- EXTRACTED MATERIAL
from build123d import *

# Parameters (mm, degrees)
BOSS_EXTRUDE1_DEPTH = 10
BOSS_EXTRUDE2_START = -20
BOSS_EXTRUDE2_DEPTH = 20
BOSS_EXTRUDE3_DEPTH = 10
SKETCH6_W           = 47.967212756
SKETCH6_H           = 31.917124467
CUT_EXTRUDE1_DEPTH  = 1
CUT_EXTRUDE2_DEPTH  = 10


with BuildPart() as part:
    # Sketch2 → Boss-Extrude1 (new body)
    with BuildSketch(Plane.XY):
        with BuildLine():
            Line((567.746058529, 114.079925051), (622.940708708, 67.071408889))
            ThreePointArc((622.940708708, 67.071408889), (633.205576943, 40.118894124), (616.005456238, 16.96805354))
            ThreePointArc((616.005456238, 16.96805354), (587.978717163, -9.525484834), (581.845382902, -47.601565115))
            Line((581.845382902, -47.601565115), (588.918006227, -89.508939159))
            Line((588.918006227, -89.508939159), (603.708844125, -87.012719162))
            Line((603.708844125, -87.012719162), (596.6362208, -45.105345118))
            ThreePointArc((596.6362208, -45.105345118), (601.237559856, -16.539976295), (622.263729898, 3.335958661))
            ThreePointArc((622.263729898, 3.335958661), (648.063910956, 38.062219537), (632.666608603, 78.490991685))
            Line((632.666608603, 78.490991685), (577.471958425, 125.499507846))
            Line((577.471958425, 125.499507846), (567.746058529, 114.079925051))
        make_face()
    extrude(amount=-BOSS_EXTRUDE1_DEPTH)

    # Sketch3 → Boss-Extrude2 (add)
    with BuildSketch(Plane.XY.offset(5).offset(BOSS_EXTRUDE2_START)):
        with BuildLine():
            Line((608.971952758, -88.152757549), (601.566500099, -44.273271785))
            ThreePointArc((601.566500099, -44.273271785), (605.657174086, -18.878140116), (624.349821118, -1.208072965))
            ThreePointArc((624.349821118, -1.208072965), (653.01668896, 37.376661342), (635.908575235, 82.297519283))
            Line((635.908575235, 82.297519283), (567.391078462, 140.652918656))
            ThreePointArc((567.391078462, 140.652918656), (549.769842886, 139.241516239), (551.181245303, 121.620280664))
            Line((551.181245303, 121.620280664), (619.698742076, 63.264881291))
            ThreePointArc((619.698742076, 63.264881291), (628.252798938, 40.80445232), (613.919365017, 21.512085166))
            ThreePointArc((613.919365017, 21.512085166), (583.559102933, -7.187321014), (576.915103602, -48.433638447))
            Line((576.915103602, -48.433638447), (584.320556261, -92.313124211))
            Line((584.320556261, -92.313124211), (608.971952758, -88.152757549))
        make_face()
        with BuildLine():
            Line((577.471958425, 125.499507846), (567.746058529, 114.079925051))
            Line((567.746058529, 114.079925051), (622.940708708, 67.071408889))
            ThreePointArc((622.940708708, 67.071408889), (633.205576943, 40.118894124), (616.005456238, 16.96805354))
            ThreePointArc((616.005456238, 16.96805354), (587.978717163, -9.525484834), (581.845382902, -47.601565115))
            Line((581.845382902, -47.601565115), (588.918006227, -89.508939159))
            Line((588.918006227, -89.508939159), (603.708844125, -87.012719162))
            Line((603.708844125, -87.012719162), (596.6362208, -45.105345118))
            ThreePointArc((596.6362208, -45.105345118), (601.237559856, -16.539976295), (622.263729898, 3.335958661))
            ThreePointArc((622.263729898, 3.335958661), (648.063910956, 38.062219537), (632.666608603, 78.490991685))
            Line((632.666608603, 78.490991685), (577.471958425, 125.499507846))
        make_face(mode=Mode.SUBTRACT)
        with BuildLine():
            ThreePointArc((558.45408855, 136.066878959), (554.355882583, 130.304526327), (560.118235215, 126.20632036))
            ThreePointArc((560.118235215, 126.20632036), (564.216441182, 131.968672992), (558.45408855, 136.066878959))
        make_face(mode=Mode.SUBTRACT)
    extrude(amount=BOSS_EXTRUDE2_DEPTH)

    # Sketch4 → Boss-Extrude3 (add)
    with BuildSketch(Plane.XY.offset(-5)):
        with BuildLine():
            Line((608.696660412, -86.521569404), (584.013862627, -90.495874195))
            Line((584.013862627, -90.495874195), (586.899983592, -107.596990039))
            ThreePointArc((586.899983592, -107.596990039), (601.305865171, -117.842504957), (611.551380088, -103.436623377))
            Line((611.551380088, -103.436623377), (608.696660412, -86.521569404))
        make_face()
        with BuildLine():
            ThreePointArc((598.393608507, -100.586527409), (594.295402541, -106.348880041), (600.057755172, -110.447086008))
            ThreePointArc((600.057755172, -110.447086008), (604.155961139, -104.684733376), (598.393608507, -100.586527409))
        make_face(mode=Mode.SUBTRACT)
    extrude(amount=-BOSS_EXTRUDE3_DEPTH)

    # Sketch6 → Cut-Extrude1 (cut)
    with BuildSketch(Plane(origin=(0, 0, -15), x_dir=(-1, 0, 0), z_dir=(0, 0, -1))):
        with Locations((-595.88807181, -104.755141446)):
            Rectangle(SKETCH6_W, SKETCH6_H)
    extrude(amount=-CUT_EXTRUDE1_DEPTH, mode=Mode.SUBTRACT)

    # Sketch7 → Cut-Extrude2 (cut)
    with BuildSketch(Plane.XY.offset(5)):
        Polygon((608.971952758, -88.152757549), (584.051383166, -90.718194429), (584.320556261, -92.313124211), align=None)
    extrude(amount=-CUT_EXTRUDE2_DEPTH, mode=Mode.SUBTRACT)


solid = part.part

- EXERCISE GOAL
Please say how many lines in the records above contain the word "Plane". Give the number alone.

- ANSWER TO THIS PROBLEM
5